What the task asks. From the line with "#214=CARTESIAN_POINT('',(41.86,26.182,-16.122));" to the line with "#225=DIRECTION('',(0.2631,-0.6563,-0.7071));", retype every line exactly, including those two, and leave out the rest of the data below.
»»
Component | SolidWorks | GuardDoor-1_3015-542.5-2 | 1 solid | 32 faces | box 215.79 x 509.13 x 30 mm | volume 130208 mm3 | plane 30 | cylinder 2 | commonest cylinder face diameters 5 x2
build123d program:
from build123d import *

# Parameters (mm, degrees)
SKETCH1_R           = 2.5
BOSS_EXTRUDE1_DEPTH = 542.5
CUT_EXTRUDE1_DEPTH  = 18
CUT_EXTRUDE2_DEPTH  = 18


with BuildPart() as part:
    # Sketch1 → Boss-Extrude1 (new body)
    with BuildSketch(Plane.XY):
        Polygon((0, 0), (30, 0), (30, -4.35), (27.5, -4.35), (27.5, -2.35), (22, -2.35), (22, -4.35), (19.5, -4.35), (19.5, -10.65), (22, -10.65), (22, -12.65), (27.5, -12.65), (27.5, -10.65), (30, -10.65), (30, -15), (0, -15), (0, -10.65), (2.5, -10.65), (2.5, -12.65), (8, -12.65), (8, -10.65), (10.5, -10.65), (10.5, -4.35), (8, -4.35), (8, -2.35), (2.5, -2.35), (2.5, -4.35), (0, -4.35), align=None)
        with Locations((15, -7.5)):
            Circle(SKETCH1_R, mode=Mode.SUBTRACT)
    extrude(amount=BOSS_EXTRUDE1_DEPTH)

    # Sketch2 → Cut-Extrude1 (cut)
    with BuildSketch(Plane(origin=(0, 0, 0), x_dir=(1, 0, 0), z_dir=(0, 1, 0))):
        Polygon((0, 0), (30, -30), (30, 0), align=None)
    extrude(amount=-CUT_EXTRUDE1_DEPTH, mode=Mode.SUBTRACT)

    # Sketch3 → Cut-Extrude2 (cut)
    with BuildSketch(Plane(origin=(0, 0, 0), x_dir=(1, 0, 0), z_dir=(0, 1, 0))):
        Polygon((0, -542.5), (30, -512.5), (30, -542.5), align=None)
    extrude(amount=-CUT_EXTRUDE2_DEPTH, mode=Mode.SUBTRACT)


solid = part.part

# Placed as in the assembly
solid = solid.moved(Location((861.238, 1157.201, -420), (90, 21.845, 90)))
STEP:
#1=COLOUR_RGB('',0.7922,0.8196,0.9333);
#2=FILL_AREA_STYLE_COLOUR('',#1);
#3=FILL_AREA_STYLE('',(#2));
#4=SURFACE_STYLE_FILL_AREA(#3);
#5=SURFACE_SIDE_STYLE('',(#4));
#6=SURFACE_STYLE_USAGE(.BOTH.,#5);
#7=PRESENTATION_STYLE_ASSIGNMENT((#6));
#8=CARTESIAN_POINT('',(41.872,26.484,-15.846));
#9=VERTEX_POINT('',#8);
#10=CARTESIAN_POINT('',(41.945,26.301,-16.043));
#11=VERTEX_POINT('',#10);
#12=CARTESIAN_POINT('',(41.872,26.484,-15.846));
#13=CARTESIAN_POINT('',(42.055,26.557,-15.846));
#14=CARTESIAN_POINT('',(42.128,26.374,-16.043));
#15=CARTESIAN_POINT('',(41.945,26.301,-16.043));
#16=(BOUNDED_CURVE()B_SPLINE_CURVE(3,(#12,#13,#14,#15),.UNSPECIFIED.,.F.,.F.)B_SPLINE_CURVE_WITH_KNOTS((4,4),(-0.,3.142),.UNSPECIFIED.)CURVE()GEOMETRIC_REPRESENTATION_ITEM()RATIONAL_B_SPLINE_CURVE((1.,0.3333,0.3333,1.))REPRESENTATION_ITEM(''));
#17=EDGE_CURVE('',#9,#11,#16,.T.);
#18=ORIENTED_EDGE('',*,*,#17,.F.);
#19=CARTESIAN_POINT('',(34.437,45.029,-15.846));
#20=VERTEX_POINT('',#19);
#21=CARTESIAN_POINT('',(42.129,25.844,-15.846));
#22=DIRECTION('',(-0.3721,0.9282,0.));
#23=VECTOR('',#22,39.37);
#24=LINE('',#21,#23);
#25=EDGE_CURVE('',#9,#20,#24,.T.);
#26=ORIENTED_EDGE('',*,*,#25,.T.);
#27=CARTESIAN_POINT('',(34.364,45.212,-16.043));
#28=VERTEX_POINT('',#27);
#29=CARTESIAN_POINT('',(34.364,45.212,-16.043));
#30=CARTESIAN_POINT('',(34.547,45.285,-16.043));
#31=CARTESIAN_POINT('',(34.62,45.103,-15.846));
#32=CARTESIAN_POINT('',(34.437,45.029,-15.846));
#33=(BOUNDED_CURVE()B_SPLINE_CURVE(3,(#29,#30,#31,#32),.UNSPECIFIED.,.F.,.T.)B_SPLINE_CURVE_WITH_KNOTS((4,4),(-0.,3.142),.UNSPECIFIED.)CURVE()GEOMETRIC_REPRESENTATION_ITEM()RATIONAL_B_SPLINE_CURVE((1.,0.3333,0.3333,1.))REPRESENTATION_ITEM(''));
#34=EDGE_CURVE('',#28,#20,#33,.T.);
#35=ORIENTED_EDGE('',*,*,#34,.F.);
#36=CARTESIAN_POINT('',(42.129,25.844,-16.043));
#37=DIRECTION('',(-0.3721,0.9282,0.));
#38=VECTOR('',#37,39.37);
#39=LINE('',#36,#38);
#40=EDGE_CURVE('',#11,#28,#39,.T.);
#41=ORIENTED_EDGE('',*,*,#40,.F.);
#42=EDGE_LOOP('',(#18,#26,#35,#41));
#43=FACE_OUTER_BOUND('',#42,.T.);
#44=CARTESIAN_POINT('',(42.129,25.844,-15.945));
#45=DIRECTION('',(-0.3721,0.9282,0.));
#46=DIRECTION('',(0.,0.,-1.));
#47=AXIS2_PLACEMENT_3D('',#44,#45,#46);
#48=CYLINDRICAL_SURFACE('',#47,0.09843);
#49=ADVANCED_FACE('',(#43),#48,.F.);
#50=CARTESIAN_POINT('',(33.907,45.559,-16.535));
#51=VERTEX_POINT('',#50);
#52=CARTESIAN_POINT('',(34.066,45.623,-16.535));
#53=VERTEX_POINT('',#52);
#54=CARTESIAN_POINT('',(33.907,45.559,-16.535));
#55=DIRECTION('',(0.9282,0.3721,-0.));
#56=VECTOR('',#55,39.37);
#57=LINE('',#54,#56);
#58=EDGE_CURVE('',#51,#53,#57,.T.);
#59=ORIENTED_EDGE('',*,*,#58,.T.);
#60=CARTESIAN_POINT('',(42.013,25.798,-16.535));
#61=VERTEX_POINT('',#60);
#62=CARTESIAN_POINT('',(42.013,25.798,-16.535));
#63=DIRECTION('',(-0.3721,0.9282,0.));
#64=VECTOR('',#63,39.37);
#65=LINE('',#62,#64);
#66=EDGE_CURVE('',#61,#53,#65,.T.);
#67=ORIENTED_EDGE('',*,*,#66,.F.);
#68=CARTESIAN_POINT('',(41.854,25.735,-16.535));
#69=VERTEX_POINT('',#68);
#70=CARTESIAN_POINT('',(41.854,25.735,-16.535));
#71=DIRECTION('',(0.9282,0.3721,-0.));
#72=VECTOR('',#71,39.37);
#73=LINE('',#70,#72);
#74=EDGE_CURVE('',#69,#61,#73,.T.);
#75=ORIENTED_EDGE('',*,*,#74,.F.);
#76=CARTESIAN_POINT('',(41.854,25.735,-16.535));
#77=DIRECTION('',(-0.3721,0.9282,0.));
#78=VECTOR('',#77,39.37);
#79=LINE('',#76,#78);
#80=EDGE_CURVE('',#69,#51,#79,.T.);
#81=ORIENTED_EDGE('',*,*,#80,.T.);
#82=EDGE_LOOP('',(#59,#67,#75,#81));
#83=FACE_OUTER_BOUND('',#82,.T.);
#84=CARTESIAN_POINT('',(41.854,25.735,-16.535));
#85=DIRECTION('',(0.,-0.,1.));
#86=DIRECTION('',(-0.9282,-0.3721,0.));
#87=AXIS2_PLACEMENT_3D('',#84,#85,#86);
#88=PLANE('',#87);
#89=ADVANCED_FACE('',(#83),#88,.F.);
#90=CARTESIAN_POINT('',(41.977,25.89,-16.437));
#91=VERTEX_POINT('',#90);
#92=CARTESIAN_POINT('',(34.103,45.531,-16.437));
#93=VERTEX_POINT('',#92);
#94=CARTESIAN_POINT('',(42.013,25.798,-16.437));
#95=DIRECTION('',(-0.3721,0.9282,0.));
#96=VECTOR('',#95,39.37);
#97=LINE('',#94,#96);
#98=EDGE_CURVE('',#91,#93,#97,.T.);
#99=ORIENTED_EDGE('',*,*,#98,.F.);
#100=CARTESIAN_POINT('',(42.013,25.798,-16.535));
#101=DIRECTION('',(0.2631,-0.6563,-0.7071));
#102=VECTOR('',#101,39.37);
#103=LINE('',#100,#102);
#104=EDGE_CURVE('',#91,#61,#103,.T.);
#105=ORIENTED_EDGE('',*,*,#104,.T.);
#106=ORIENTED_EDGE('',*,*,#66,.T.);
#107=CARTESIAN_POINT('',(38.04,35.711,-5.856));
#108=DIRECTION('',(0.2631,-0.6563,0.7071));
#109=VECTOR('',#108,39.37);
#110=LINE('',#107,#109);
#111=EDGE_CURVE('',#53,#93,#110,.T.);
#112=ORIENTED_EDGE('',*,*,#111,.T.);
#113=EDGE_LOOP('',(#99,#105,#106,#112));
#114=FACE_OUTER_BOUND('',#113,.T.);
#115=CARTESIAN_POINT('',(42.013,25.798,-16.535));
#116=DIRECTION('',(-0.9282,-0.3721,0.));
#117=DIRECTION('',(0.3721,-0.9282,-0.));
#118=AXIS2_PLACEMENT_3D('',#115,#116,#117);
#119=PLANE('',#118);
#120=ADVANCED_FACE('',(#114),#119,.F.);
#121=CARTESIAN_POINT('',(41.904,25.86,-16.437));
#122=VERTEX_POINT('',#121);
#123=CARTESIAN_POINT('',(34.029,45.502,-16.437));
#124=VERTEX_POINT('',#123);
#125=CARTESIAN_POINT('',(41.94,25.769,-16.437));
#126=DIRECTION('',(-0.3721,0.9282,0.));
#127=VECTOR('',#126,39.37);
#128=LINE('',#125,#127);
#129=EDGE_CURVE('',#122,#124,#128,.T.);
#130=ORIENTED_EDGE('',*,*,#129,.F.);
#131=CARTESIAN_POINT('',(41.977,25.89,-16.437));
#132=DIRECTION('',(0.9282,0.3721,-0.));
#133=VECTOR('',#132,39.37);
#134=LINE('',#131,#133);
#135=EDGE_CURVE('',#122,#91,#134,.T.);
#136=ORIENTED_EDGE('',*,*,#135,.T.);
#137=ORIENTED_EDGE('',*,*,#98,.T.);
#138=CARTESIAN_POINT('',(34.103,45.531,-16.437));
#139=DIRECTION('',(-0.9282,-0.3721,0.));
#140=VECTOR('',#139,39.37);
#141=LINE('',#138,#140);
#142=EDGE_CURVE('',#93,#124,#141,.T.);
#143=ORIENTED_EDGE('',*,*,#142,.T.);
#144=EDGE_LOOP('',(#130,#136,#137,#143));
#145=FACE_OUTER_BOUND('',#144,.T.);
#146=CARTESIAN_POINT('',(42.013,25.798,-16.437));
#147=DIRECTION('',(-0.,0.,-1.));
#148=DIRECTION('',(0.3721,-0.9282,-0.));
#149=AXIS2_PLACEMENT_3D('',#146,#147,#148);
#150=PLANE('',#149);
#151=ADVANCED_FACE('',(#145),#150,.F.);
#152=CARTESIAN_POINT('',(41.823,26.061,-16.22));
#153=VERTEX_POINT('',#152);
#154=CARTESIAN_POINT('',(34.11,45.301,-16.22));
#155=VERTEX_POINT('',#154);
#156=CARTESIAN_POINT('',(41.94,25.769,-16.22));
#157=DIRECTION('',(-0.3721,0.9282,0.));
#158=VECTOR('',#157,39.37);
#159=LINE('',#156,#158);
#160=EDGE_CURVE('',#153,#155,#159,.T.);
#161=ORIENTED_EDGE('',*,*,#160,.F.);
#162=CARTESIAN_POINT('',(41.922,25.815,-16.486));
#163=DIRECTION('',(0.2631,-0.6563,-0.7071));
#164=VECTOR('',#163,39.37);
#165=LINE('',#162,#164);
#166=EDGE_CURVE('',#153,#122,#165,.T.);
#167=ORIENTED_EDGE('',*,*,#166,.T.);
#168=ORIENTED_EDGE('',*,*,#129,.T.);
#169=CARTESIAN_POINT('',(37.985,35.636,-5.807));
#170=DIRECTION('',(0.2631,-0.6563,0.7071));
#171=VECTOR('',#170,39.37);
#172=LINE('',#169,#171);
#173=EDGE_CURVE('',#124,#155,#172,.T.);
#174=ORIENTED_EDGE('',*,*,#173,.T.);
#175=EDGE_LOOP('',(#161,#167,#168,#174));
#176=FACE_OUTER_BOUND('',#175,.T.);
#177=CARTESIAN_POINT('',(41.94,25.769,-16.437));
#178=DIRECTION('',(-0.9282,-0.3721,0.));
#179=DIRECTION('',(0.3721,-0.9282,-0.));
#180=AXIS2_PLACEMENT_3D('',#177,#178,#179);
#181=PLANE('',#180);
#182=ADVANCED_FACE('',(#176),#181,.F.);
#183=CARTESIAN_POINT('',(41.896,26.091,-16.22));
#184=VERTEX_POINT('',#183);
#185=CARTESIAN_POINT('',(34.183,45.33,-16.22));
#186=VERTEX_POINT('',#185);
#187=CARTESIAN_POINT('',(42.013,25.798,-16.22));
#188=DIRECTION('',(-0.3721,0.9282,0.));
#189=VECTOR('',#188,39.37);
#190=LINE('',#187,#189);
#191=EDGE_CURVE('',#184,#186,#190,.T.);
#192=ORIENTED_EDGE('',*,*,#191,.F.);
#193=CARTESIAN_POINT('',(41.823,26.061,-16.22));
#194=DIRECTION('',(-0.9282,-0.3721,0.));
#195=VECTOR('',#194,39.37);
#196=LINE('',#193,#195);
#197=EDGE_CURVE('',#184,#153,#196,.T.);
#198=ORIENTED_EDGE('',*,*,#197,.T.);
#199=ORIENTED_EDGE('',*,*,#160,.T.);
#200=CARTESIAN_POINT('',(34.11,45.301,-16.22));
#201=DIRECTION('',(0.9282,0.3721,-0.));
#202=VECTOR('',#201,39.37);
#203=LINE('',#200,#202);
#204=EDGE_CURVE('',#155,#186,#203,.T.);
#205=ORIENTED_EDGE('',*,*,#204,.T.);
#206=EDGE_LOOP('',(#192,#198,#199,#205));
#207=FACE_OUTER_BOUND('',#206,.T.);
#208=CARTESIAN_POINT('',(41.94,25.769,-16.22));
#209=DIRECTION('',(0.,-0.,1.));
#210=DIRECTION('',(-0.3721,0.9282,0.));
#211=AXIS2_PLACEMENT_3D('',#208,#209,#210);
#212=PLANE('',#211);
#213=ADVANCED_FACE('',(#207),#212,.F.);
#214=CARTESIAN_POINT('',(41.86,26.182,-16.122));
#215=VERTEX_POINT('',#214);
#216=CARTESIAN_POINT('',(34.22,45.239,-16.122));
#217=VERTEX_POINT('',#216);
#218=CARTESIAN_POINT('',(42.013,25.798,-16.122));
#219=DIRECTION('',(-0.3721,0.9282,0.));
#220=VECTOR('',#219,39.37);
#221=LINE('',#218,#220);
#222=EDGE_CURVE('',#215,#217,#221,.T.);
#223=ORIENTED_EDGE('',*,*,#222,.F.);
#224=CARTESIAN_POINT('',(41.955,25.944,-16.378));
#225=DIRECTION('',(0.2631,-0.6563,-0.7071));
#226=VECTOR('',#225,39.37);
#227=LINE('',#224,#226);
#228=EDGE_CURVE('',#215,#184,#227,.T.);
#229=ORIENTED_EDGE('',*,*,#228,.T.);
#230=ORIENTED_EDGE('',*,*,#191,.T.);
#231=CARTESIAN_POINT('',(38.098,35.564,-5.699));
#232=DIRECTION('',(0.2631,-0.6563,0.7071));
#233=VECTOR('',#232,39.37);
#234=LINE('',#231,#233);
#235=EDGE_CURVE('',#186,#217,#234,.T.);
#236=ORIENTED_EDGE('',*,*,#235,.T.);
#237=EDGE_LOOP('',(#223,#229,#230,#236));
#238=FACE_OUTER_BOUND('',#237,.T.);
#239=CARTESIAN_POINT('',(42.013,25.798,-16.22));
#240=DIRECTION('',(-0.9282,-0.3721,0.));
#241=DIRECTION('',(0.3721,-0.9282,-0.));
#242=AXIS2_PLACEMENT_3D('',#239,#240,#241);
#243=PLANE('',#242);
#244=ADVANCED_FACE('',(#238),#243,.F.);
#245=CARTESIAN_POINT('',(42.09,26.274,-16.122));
««
Result of the exercise.
#214=CARTESIAN_POINT('',(41.86,26.182,-16.122));
#215=VERTEX_POINT('',#214);
#216=CARTESIAN_POINT('',(34.22,45.239,-16.122));
#217=VERTEX_POINT('',#216);
#218=CARTESIAN_POINT('',(42.013,25.798,-16.122));
#219=DIRECTION('',(-0.3721,0.9282,0.));
#220=VECTOR('',#219,39.37);
#221=LINE('',#218,#220);
#222=EDGE_CURVE('',#215,#217,#221,.T.);
#223=ORIENTED_EDGE('',*,*,#222,.F.);
#224=CARTESIAN_POINT('',(41.955,25.944,-16.378));
#225=DIRECTION('',(0.2631,-0.6563,-0.7071));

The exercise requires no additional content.